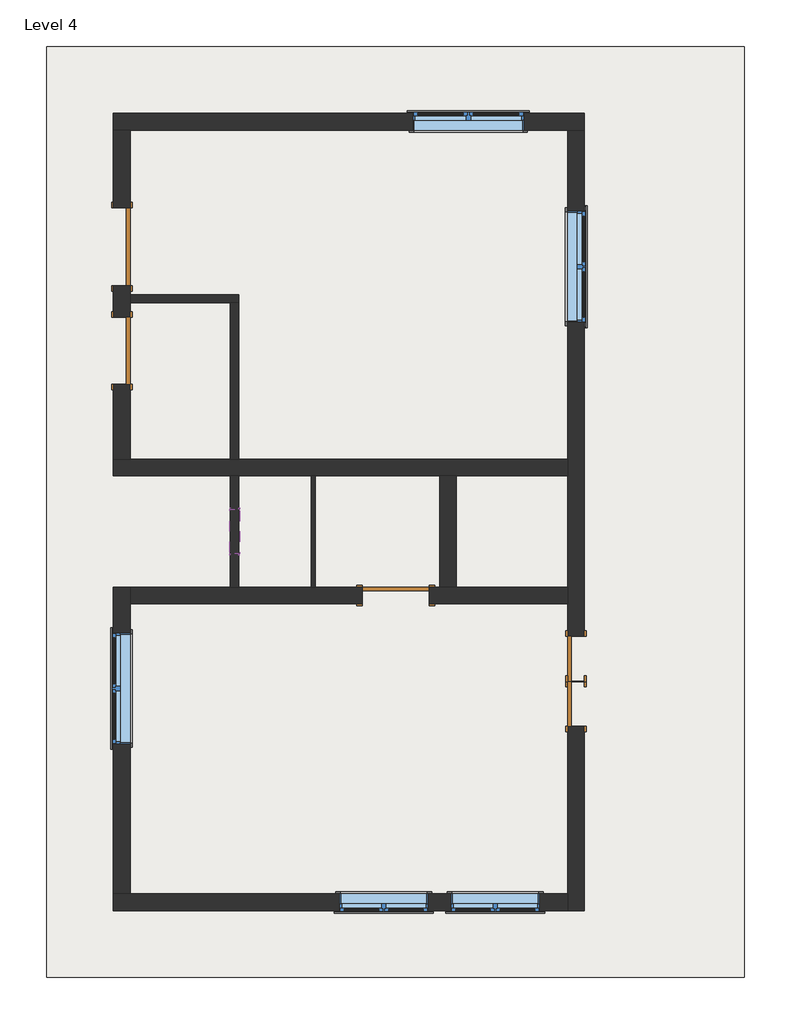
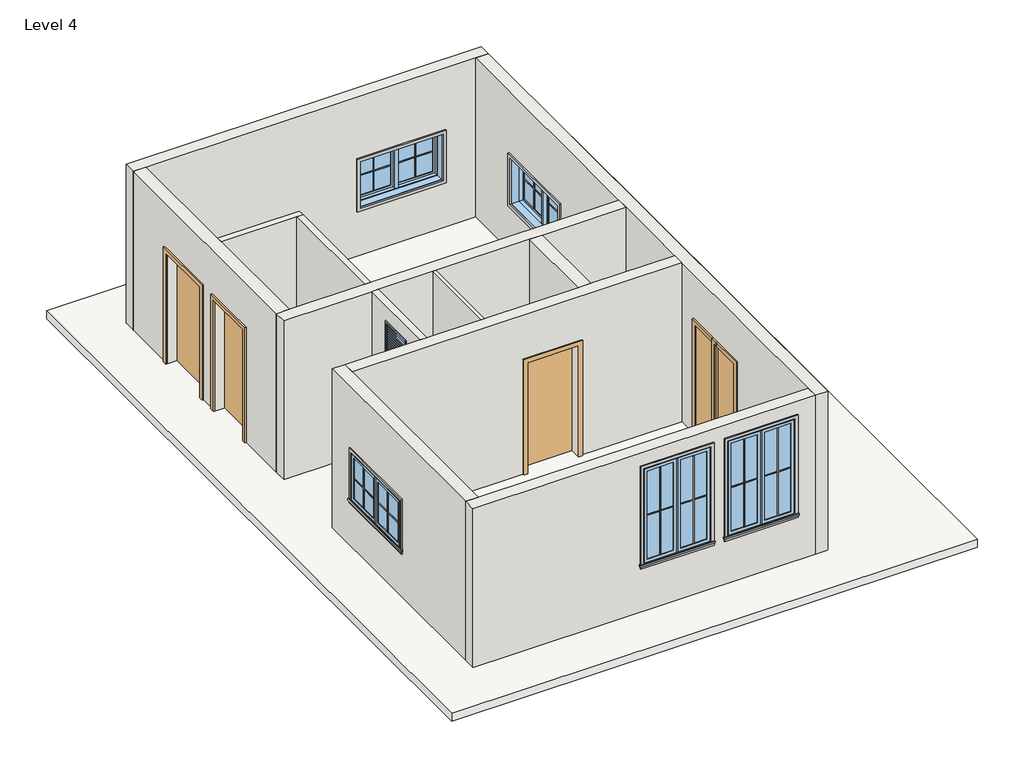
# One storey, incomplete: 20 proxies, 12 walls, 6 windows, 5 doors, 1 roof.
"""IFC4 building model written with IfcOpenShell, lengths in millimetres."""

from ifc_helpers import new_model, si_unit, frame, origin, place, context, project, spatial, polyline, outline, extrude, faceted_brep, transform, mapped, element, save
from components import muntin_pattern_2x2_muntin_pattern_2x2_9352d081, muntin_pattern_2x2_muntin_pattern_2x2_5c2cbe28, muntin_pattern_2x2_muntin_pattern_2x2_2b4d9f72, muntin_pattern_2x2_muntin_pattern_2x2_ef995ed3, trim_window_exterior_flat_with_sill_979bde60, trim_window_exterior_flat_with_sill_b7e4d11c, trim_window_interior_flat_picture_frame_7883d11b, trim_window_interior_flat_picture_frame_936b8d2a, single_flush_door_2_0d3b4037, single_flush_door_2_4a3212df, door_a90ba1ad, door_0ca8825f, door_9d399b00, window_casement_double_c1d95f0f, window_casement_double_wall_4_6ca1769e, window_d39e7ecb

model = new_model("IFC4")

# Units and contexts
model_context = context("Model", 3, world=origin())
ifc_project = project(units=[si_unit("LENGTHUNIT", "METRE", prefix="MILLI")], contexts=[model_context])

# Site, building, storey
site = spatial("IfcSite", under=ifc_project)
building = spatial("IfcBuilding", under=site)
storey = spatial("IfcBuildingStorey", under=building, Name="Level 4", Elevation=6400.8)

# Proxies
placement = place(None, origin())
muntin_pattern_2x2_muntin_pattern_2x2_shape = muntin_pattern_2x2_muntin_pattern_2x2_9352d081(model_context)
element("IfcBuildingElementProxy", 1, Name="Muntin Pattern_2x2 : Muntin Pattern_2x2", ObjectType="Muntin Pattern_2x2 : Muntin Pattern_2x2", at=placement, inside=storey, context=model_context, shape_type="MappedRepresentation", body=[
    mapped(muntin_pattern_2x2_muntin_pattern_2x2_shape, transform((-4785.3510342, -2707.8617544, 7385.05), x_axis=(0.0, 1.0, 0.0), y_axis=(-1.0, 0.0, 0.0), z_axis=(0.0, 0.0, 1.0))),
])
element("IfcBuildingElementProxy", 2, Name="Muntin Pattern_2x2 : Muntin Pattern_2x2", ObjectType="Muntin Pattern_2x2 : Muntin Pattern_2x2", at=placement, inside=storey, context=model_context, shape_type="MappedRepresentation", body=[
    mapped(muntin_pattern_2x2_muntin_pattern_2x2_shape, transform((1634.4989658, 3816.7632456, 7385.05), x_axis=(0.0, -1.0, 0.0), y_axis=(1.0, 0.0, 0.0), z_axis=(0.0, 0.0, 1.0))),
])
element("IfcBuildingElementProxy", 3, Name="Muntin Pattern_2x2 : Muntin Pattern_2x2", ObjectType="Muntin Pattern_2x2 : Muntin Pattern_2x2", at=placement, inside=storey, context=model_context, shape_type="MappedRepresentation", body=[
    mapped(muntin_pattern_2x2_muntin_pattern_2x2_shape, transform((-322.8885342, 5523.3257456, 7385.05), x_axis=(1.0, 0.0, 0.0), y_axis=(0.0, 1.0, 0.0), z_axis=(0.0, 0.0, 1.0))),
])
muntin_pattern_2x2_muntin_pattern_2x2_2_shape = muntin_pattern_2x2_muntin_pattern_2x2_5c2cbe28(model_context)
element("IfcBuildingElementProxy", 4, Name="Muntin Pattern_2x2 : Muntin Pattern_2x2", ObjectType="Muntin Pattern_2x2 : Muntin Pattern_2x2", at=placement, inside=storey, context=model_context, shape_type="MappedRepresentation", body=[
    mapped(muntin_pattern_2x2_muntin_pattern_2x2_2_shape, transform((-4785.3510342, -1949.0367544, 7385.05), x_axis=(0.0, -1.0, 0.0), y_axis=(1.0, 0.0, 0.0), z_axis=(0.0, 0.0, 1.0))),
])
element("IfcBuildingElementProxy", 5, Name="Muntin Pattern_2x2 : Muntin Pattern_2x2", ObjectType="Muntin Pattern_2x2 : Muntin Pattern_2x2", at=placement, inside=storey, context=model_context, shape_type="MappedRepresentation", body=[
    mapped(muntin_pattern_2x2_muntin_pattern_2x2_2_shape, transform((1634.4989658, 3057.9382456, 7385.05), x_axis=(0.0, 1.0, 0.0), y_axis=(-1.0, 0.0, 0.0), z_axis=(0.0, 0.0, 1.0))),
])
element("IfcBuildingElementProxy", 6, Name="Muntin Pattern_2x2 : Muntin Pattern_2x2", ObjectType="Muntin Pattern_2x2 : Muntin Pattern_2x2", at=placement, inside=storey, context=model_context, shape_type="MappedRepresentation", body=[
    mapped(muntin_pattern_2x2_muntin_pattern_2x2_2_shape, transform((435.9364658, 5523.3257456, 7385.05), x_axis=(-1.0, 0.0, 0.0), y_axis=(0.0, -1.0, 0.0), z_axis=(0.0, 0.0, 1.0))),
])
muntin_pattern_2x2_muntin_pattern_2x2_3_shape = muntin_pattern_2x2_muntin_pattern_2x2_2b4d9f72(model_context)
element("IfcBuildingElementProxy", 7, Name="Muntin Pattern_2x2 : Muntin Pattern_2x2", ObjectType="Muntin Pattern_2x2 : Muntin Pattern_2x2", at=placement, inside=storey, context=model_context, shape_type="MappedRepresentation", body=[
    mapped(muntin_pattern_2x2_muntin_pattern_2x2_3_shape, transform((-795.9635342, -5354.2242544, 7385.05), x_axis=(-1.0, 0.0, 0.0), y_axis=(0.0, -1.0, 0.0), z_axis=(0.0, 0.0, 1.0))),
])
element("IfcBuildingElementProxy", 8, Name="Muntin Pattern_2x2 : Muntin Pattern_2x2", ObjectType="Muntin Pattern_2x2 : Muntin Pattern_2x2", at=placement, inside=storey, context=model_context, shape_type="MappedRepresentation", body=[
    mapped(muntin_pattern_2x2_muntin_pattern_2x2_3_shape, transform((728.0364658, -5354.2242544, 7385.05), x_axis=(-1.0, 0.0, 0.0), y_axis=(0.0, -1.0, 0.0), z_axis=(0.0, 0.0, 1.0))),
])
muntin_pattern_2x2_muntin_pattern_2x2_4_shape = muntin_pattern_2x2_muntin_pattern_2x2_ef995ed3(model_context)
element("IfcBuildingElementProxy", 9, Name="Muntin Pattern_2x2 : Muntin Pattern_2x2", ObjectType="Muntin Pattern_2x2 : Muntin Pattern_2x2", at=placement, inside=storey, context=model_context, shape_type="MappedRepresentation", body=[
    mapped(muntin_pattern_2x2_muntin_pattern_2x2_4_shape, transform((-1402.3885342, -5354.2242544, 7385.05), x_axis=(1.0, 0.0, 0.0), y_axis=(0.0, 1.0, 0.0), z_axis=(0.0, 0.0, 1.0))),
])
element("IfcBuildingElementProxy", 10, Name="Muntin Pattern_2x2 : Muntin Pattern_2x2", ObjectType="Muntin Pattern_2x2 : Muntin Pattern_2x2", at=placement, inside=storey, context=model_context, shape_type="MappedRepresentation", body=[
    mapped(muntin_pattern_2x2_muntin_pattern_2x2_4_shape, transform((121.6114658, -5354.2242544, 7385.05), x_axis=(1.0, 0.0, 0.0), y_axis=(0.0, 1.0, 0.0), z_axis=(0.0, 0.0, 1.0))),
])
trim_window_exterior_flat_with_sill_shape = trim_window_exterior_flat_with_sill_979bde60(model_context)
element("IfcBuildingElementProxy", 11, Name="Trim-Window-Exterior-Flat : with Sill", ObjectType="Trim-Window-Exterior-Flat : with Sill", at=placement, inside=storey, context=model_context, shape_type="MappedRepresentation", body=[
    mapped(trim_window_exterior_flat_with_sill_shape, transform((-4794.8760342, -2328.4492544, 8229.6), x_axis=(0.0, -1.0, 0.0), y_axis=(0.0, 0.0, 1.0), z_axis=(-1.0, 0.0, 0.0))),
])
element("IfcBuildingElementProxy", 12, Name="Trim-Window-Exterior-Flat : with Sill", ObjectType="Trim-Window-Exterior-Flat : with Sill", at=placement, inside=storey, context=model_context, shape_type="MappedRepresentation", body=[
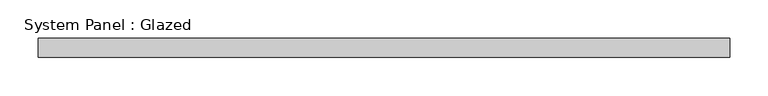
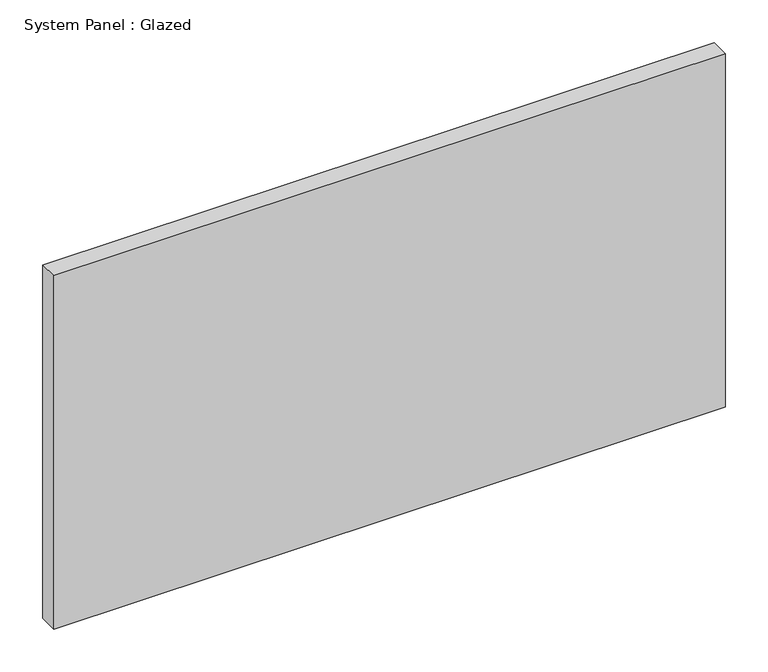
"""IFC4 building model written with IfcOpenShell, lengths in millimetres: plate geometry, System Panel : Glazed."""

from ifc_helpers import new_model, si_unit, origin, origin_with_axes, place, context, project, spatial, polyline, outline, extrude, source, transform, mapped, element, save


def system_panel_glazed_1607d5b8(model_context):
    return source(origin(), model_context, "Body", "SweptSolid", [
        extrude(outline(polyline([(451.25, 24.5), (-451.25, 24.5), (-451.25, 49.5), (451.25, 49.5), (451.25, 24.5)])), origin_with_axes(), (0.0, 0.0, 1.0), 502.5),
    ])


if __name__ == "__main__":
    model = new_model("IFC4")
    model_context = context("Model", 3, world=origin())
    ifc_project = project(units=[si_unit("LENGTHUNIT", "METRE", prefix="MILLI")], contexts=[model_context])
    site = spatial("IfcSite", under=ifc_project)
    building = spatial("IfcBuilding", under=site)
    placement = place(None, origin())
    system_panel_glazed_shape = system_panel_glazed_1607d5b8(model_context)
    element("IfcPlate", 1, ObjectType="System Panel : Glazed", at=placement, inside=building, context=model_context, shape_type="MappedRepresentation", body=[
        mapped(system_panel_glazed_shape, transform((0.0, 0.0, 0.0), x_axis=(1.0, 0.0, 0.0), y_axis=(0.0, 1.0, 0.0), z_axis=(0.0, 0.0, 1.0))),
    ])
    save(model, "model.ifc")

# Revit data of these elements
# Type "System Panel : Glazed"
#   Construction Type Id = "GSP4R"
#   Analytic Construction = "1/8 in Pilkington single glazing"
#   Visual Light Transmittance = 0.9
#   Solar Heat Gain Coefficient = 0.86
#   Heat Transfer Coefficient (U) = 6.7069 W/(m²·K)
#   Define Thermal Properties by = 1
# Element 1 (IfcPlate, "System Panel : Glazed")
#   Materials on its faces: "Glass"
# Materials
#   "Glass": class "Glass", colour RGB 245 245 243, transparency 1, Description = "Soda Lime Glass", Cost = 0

☆ ☆ ☆ ☆ ☆

Directions for this task: Starting from the first line of the listing above, write out every line exactly through the one containing "# Site, building, storey", and drop the pictures.

Written solution:
# One storey, incomplete: 20 proxies, 12 walls, 6 windows, 5 doors, 1 roof.
"""IFC4 building model written with IfcOpenShell, lengths in millimetres."""

from ifc_helpers import new_model, si_unit, frame, origin, place, context, project, spatial, polyline, outline, extrude, faceted_brep, transform, mapped, element, save
from components import muntin_pattern_2x2_muntin_pattern_2x2_9352d081, muntin_pattern_2x2_muntin_pattern_2x2_5c2cbe28, muntin_pattern_2x2_muntin_pattern_2x2_2b4d9f72, muntin_pattern_2x2_muntin_pattern_2x2_ef995ed3, trim_window_exterior_flat_with_sill_979bde60, trim_window_exterior_flat_with_sill_b7e4d11c, trim_window_interior_flat_picture_frame_7883d11b, trim_window_interior_flat_picture_frame_936b8d2a, single_flush_door_2_0d3b4037, single_flush_door_2_4a3212df, door_a90ba1ad, door_0ca8825f, door_9d399b00, window_casement_double_c1d95f0f, window_casement_double_wall_4_6ca1769e, window_d39e7ecb

model = new_model("IFC4")

# Units and contexts
model_context = context("Model", 3, world=origin())
ifc_project = project(units=[si_unit("LENGTHUNIT", "METRE", prefix="MILLI")], contexts=[model_context])

# Site, building, storey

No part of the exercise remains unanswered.